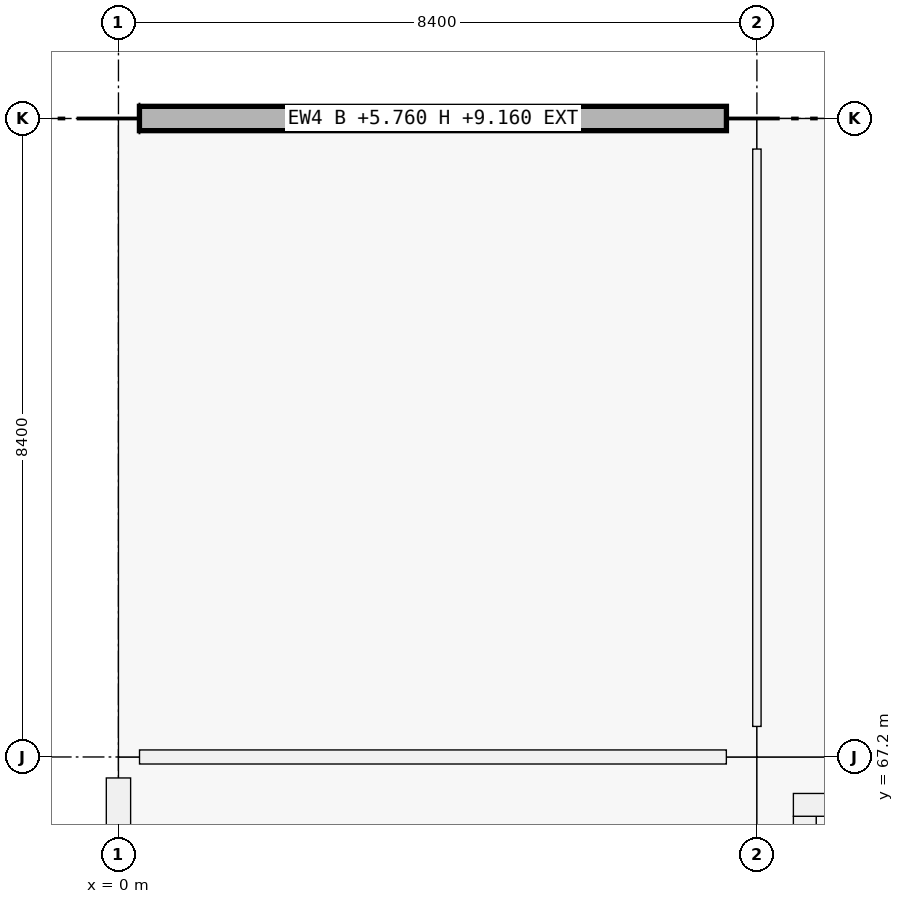
"""IFC4 building model, lengths in metres.
Left out: names, types, materials, properties, quantities, classifications, styles, units other than length and angle.
Written with IfcOpenShell. Run it as: python <this file> out.ifc"""

import sys

from ifc_helpers import new_model, si_unit, direction, frame, frame_2d, origin, origin_2d, place, context, subcontext, project, spatial, rectangle, extrude, element, fill, save


model = new_model("IFC4")
c1 = context("Model", 3, precision=1e-05, world=origin(), true_north=direction((0.0, 1.0)))
c2 = subcontext(c1, "Body", "Model", "MODEL_VIEW")
j1 = project(units=[si_unit("LENGTHUNIT", "METRE"), si_unit("PLANEANGLEUNIT", "RADIAN")], contexts=[c1])
p1 = place(None, origin())
s1 = spatial("IfcSite", under=j1, at=p1, CompositionType="ELEMENT")
p2 = place(p1, origin())
s2 = spatial("IfcBuilding", under=s1, at=p2, CompositionType="ELEMENT")
p3 = place(p2, frame((0.0, 0.0, 5.76)))
s3 = spatial("IfcBuildingStorey", under=s2, at=p3, CompositionType="ELEMENT", Elevation=5.76)
for number, where, z_axis, x_axis in (
    (1, (0.0, 67.2, 0.0), (0.0, 0.0, 1.0), (1.0, 0.0, 0.0)),
    (2, (0.0, 75.6, 0.0), (0.0, 0.0, 1.0), (1.0, 0.0, 0.0)),
):
    element("IfcColumn", number, at=place(p3, frame(where, z_axis=z_axis, x_axis=x_axis)), inside=s3, PredefinedType="COLUMN", context=c2, shape_type="SweptSolid", body=[
        extrude(rectangle(XDim=0.55, YDim=0.55, at=origin_2d()), origin(), (0.0, 0.0, 1.0), 4.2),
    ])
for number, where, z_axis, x_axis in (
    (3, (8.4, 67.2, 0.0), (0.0, 0.0, 1.0), (1.0, 0.0, 0.0)),
    (4, (8.4, 75.6, 0.0), (0.0, 0.0, 1.0), (1.0, 0.0, 0.0)),
):
    element("IfcColumn", number, at=place(p3, frame(where, z_axis=z_axis, x_axis=x_axis)), inside=s3, PredefinedType="COLUMN", context=c2, shape_type="SweptSolid", body=[
        extrude(rectangle(XDim=0.8, YDim=0.8, at=origin_2d()), origin(), (0.0, 0.0, 1.0), 4.5),
    ])
p4 = place(p3, frame((0.0, 59.076, 0.0), z_axis=(0.0, 0.0, 1.0), x_axis=(0.0, 1.0, 0.0)))
e5 = element("IfcWall", 5, at=p4, inside=s3, PredefinedType="SOLIDWALL", context=c2, shape_type="SweptSolid", body=[
    extrude(rectangle(XDim=7.848, YDim=0.32, at=frame_2d((3.924, 0.0))), origin(), (0.0, 0.0, 1.0), 3.4),
])
p5 = place(p4, frame((2.724, 0.0, 0.9)))
e6 = element("IfcOpeningElement", 6, at=p5, cuts=e5, PredefinedType="OPENING", context=c2, shape_type="SweptSolid", body=[
    extrude(rectangle(XDim=2.4, YDim=2.25, at=frame_2d((1.2, 1.125))), frame((0.0, 0.16, 0.0), z_axis=(0.0, -1.0, 0.0), x_axis=(1.0, 0.0, 0.0)), (0.0, 0.0, 1.0), 0.32),
])
p6 = place(p3, frame((0.276, 75.6, 0.0), z_axis=(0.0, 0.0, 1.0), x_axis=(1.0, 0.0, 0.0)))
e7 = element("IfcWall", 7, at=p6, inside=s3, PredefinedType="SOLIDWALL", context=c2, shape_type="SweptSolid", body=[
    extrude(rectangle(XDim=7.723, YDim=0.32, at=frame_2d((3.862, 0.0))), origin(), (0.0, 0.0, 1.0), 3.4),
])
p7 = place(p6, frame((2.861, 0.0, 0.9)))
e8 = element("IfcOpeningElement", 8, at=p7, cuts=e7, PredefinedType="OPENING", context=c2, shape_type="SweptSolid", body=[
    extrude(rectangle(XDim=2.0, YDim=2.25, at=frame_2d((1.0, 1.125))), frame((0.0, 0.16, 0.0), z_axis=(0.0, -1.0, 0.0), x_axis=(1.0, 0.0, 0.0)), (0.0, 0.0, 1.0), 0.32),
])
p8 = place(p3, frame((9.03, 59.58, 0.0), z_axis=(0.0, 0.0, 1.0), x_axis=(0.0, 1.0, 0.0)))
e9 = element("IfcWall", 9, at=p8, inside=s3, PredefinedType="SHEAR", context=c2, shape_type="SweptSolid", body=[
    extrude(rectangle(XDim=6.84, YDim=0.3, at=frame_2d((3.42, 0.0))), origin(), (0.0, 0.0, 1.0), 4.5),
])
p9 = place(p3, frame((8.88, 66.57, 0.0), z_axis=(0.0, 0.0, 1.0), x_axis=(1.0, 0.0, 0.0)))
e10 = element("IfcWall", 10, at=p9, inside=s3, PredefinedType="SHEAR", context=c2, shape_type="SweptSolid", body=[
    extrude(rectangle(XDim=7.44, YDim=0.3, at=frame_2d((3.72, 0.0))), origin(), (0.0, 0.0, 1.0), 4.5),
])
p10 = place(p3, frame((0.277, 67.2, 0.0), z_axis=(0.0, 0.0, 1.0), x_axis=(1.0, 0.0, 0.0)))
e11 = element("IfcWall", 11, at=p10, inside=s3, PredefinedType="PARTITIONING", context=c2, shape_type="SweptSolid", body=[
    extrude(rectangle(XDim=7.721, YDim=0.185, at=frame_2d((3.86, 0.0))), origin(), (0.0, 0.0, 1.0), 2.4),
])
p11 = place(p10, frame((3.37, 0.0, 0.0)))
e12 = element("IfcOpeningElement", 12, at=p11, cuts=e11, PredefinedType="OPENING", context=c2, shape_type="SweptSolid", body=[
    extrude(rectangle(XDim=0.98, YDim=2.18, at=frame_2d((0.49, 1.09))), frame((0.0, 0.093, 0.0), z_axis=(0.0, -1.0, 0.0), x_axis=(1.0, 0.0, 0.0)), (0.0, 0.0, 1.0), 0.185),
])
p12 = place(p3, frame((8.4, 67.602, 0.0), z_axis=(0.0, 0.0, 1.0), x_axis=(0.0, 1.0, 0.0)))
e13 = element("IfcWall", 13, at=p12, inside=s3, PredefinedType="MOVABLE", context=c2, shape_type="SweptSolid", body=[
    extrude(rectangle(XDim=7.596, YDim=0.11, at=frame_2d((3.798, 0.0))), origin(), (0.0, 0.0, 1.0), 2.4),
])
p13 = place(p12, frame((3.318, 0.0, 0.0)))
e14 = element("IfcOpeningElement", 14, at=p13, cuts=e13, PredefinedType="OPENING", context=c2, shape_type="SweptSolid", body=[
    extrude(rectangle(XDim=0.96, YDim=2.18, at=frame_2d((0.48, 1.09))), frame((0.0, 0.055, 0.0), z_axis=(0.0, -1.0, 0.0), x_axis=(1.0, 0.0, 0.0)), (0.0, 0.0, 1.0), 0.11),
])
p14 = place(p7, origin())
e15 = element("IfcWindow", 15, at=p14, inside=s3, PartitioningType="SINGLE_PANEL", PredefinedType="WINDOW", context=c2, shape_type="SweptSolid", body=[
    extrude(rectangle(XDim=2.0, YDim=2.25, at=frame_2d((1.0, 1.125))), frame((0.0, 0.03, 0.0), z_axis=(0.0, -1.0, 0.0), x_axis=(1.0, 0.0, 0.0)), (0.0, 0.0, 1.0), 0.06),
])
fill(e8, e15)
p15 = place(p11, origin())
e16 = element("IfcDoor", 16, at=p15, inside=s3, OperationType="SINGLE_SWING_RIGHT", PredefinedType="DOOR", context=c2, shape_type="SweptSolid", body=[
    extrude(rectangle(XDim=0.98, YDim=2.18, at=frame_2d((0.49, 1.09))), frame((0.0, 0.025, 0.0), z_axis=(0.0, -1.0, 0.0), x_axis=(1.0, 0.0, 0.0)), (0.0, 0.0, 1.0), 0.05),
])
fill(e12, e16)
p16 = place(p13, origin())
e17 = element("IfcDoor", 17, at=p16, inside=s3, OperationType="SINGLE_SWING_LEFT", PredefinedType="DOOR", context=c2, shape_type="SweptSolid", body=[
    extrude(rectangle(XDim=0.96, YDim=2.18, at=frame_2d((0.48, 1.09))), frame((0.0, 0.025, 0.0), z_axis=(0.0, -1.0, 0.0), x_axis=(1.0, 0.0, 0.0)), (0.0, 0.0, 1.0), 0.05),
])
fill(e14, e17)
save(model, sys.argv[1])

Your instructions: The expected output is the lines from the one with "fill(e8, e15)" through the end of the data, exactly as written and nothing more.

Expected output:
fill(e8, e15)
p15 = place(p11, origin())
e16 = element("IfcDoor", 16, at=p15, inside=s3, OperationType="SINGLE_SWING_RIGHT", PredefinedType="DOOR", context=c2, shape_type="SweptSolid", body=[
    extrude(rectangle(XDim=0.98, YDim=2.18, at=frame_2d((0.49, 1.09))), frame((0.0, 0.025, 0.0), z_axis=(0.0, -1.0, 0.0), x_axis=(1.0, 0.0, 0.0)), (0.0, 0.0, 1.0), 0.05),
])
fill(e12, e16)
p16 = place(p13, origin())
e17 = element("IfcDoor", 17, at=p16, inside=s3, OperationType="SINGLE_SWING_LEFT", PredefinedType="DOOR", context=c2, shape_type="SweptSolid", body=[
    extrude(rectangle(XDim=0.96, YDim=2.18, at=frame_2d((0.48, 1.09))), frame((0.0, 0.025, 0.0), z_axis=(0.0, -1.0, 0.0), x_axis=(1.0, 0.0, 0.0)), (0.0, 0.0, 1.0), 0.05),
])
fill(e14, e17)
save(model, sys.argv[1])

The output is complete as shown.